#### [Information given]
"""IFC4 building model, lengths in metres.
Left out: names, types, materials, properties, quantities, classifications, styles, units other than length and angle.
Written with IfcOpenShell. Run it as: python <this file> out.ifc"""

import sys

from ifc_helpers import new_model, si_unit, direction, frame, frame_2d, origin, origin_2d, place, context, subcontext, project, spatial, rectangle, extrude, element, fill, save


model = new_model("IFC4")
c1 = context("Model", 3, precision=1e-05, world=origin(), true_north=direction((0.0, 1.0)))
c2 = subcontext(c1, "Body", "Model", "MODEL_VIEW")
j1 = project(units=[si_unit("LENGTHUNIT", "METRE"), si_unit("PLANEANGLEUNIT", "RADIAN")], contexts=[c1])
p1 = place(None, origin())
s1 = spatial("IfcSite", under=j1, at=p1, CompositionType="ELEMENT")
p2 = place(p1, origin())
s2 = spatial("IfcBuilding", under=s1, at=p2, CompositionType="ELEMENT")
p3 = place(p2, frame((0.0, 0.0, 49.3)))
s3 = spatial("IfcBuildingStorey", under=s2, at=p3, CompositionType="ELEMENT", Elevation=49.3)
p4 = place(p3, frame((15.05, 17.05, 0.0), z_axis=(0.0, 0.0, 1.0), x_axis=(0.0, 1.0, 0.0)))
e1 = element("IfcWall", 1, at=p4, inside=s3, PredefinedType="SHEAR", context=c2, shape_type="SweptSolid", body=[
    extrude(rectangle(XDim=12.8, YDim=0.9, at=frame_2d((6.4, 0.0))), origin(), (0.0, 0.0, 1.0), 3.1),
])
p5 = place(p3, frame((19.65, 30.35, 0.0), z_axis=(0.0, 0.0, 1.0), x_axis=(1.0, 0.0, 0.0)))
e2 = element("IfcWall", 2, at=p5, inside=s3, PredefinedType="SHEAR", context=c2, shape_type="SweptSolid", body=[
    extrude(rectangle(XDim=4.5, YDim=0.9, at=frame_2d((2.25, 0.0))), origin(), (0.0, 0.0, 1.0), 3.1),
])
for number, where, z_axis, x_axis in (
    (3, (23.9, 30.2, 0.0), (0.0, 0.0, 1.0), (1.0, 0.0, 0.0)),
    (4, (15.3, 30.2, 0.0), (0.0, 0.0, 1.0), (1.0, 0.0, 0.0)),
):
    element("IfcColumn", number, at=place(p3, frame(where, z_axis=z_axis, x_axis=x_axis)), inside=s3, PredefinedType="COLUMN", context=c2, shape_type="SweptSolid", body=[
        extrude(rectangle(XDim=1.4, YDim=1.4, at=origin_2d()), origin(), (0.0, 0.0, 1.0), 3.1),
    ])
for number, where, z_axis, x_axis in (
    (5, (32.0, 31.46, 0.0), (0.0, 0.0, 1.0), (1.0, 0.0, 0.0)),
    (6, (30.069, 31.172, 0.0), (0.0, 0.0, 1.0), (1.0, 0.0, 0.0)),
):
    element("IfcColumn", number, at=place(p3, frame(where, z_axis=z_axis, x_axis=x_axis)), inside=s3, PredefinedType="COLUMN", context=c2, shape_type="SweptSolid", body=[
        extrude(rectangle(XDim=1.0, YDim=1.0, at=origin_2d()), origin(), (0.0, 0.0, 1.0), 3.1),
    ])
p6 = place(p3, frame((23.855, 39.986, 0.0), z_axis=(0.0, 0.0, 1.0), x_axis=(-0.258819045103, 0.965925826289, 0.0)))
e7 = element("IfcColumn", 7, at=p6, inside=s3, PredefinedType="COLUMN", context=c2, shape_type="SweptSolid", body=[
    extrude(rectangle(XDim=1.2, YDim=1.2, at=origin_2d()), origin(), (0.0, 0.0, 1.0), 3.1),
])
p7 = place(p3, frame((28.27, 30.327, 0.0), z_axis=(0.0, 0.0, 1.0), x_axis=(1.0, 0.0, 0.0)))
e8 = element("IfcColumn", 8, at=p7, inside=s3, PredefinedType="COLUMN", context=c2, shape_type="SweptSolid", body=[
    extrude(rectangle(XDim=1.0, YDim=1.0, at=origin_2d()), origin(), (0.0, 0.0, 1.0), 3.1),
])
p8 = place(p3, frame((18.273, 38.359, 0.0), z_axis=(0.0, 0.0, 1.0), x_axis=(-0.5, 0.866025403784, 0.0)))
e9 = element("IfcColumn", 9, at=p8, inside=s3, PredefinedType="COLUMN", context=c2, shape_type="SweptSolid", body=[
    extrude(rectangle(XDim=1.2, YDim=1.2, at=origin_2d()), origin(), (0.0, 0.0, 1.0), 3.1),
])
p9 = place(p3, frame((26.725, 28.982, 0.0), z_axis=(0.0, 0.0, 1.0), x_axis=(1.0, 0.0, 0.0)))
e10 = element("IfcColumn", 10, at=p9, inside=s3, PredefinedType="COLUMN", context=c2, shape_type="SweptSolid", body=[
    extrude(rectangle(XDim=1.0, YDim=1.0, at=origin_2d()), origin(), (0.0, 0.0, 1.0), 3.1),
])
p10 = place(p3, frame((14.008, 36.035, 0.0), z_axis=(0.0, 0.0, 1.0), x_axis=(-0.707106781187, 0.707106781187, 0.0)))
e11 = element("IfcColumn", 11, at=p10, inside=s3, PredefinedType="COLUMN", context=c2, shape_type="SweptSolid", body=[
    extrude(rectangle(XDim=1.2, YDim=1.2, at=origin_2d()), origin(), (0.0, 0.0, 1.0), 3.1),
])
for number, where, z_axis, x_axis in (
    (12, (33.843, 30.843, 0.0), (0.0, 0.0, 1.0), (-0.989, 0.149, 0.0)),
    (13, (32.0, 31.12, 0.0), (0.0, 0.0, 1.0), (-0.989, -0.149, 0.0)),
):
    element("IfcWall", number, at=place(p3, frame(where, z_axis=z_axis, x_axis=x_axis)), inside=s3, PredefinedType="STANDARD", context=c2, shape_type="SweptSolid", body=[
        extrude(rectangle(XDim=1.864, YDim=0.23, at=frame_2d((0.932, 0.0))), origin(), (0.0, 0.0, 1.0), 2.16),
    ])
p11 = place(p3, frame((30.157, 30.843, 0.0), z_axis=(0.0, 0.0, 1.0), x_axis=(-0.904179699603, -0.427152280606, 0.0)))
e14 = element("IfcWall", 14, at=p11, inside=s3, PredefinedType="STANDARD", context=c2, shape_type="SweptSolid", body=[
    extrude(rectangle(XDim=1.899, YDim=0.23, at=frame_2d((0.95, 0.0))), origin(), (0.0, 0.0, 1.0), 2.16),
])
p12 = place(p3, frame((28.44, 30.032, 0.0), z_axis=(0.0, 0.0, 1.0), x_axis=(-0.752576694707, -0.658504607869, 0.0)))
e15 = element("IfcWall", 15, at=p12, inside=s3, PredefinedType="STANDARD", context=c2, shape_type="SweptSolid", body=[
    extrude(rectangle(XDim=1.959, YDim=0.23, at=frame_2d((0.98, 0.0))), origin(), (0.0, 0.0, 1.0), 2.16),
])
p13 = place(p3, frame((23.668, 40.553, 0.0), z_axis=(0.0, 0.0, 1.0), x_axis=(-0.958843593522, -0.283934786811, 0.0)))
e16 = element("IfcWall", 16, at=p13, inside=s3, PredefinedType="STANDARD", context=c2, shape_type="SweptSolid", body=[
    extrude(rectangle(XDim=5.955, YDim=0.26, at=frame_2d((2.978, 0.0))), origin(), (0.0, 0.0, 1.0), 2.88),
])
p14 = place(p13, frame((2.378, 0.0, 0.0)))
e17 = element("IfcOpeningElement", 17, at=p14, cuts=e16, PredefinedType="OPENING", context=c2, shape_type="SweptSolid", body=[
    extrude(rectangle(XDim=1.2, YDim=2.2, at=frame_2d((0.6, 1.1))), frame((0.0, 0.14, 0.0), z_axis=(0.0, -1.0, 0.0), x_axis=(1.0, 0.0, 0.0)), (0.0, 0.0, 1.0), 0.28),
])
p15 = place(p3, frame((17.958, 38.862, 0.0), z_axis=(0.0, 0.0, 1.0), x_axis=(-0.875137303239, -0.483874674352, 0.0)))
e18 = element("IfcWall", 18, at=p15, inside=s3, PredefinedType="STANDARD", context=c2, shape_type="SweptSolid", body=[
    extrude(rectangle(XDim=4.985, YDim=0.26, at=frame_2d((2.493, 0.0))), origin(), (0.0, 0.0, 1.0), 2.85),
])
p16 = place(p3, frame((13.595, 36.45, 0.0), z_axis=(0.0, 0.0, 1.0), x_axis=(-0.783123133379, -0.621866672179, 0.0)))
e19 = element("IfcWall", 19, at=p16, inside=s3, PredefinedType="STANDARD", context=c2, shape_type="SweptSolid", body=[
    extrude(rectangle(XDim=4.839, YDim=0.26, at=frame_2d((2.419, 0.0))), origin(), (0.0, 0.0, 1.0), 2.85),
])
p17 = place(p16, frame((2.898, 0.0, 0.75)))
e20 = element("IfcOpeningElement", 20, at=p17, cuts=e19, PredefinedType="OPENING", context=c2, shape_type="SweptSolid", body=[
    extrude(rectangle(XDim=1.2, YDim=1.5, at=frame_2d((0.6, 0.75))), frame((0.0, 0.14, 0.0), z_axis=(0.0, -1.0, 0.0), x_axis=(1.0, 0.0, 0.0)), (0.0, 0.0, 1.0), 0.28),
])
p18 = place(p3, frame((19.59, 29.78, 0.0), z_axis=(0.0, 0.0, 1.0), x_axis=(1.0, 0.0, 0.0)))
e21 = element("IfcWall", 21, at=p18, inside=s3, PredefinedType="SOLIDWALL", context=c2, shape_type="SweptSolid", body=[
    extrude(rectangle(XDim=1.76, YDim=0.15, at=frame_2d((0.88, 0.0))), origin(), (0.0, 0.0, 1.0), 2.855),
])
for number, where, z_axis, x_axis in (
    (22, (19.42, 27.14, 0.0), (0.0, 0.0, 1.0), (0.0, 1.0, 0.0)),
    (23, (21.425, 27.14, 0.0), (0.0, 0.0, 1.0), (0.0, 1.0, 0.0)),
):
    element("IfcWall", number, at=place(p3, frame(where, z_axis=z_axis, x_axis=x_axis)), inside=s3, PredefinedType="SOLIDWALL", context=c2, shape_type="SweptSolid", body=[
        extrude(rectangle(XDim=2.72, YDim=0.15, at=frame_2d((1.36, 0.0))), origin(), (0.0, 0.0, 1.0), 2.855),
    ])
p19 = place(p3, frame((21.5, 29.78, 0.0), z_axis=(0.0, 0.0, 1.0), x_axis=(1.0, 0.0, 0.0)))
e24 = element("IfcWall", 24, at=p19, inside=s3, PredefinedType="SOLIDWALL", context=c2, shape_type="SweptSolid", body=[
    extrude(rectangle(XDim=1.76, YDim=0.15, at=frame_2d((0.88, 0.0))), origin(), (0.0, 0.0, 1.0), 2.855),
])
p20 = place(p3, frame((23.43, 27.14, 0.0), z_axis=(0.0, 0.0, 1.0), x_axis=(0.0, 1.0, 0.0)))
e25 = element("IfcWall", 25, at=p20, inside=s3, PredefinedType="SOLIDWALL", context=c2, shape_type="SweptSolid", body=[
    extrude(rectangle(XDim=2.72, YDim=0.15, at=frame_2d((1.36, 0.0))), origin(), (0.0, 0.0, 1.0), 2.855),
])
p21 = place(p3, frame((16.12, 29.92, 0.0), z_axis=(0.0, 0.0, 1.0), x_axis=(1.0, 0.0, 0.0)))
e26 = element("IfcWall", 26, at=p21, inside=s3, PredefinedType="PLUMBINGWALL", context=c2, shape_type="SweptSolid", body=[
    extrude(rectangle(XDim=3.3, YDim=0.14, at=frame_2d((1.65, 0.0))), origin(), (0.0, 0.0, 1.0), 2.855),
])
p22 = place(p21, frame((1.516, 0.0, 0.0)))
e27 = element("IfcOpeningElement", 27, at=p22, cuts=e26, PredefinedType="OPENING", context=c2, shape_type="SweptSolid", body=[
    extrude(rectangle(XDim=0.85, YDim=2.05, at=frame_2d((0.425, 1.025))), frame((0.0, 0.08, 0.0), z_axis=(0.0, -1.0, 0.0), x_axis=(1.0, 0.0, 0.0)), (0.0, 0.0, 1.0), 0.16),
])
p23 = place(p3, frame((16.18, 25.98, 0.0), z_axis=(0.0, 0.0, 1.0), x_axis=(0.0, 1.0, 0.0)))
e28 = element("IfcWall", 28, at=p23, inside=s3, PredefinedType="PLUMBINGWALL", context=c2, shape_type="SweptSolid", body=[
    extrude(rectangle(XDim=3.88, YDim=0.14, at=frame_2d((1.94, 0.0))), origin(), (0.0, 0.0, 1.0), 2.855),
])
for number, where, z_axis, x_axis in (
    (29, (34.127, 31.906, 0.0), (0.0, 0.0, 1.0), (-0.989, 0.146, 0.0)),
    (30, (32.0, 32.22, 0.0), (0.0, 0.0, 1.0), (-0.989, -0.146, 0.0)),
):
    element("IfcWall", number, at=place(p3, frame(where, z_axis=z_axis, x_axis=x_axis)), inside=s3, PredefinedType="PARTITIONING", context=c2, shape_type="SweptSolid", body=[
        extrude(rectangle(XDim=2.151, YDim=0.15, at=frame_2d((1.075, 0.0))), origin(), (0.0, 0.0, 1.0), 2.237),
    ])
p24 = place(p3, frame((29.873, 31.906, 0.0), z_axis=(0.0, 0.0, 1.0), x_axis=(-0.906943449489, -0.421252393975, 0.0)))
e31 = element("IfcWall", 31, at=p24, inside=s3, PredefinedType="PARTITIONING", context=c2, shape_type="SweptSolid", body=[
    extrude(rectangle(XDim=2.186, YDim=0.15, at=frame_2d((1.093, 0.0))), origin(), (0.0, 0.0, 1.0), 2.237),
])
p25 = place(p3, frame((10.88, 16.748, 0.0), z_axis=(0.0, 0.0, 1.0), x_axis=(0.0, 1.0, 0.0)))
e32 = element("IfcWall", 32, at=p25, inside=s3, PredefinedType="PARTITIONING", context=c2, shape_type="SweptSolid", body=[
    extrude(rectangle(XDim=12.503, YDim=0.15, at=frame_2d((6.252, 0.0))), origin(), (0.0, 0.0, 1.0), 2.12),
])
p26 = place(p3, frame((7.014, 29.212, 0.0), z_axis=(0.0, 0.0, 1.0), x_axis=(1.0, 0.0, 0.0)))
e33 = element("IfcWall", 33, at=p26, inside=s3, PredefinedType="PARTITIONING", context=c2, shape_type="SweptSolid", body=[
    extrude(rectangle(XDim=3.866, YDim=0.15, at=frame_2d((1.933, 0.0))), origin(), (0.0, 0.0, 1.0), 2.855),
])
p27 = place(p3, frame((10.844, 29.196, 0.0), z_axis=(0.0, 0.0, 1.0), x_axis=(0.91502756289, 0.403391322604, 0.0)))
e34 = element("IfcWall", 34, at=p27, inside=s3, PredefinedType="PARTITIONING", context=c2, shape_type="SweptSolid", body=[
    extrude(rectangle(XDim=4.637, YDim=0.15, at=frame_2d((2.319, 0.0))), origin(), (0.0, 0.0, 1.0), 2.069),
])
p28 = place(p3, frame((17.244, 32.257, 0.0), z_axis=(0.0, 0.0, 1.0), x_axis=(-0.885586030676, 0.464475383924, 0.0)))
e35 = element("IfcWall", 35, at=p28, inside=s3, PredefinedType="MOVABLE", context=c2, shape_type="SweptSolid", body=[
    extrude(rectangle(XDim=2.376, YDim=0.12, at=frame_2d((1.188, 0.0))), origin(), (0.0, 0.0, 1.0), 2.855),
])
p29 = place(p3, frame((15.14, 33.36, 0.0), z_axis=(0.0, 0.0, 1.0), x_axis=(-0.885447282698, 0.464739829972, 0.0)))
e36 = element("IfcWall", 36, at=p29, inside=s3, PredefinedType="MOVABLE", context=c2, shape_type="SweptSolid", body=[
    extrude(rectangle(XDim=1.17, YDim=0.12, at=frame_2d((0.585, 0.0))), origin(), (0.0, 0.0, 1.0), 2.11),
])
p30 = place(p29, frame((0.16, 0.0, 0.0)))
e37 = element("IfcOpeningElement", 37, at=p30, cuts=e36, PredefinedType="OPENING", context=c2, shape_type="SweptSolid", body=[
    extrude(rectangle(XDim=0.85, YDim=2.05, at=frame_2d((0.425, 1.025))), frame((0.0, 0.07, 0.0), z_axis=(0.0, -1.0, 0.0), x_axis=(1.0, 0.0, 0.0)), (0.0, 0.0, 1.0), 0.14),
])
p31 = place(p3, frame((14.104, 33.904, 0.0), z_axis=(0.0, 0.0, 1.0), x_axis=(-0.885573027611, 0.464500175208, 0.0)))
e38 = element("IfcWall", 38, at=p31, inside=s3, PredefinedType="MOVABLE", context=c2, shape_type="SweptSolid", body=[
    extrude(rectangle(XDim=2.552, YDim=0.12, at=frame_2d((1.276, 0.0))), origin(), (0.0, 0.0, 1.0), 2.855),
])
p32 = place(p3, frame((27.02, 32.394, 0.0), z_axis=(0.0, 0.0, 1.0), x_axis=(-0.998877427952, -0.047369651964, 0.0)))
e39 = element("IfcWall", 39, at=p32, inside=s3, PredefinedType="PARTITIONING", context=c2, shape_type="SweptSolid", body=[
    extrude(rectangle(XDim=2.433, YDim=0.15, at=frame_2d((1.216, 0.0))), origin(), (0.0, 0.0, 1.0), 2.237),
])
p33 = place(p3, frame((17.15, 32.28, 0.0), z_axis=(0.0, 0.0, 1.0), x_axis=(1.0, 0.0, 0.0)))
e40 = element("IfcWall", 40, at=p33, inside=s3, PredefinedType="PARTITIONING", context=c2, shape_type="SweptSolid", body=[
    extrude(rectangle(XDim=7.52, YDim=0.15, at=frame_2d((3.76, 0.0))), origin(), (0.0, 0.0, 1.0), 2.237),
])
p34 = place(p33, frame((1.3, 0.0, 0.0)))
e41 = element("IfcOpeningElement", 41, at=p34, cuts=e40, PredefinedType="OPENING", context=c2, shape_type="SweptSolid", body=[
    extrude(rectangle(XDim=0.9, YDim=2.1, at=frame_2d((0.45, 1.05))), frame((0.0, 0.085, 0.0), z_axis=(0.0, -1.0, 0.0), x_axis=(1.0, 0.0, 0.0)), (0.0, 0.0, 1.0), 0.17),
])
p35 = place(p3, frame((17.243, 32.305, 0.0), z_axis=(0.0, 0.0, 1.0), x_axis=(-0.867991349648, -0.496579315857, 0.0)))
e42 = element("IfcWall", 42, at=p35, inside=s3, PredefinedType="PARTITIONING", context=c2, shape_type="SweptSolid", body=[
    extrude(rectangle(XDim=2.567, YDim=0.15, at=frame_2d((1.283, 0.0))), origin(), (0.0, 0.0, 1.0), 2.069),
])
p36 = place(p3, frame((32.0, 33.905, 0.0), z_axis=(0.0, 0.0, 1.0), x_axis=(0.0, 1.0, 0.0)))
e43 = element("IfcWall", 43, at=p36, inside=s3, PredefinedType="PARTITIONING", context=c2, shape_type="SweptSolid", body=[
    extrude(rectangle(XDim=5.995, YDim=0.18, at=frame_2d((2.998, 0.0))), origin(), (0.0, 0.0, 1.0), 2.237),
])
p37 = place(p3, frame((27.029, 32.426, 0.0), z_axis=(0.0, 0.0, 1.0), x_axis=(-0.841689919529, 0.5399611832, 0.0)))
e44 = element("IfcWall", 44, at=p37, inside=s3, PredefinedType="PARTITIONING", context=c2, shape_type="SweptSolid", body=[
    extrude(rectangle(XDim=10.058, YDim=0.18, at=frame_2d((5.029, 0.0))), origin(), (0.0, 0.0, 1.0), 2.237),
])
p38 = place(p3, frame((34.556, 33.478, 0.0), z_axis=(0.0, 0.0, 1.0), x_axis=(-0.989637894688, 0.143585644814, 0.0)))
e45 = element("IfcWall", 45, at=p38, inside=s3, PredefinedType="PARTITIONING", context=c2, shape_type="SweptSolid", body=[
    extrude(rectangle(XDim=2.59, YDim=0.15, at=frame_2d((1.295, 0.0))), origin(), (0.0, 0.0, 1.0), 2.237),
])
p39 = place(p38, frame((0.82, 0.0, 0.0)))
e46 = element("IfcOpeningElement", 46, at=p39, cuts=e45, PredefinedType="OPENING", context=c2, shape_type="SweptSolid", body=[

#### [Task to carry out]
For the listing above, find how many lines hold the word "units". Only the number should be written.

#### [Answer to the exercise]
2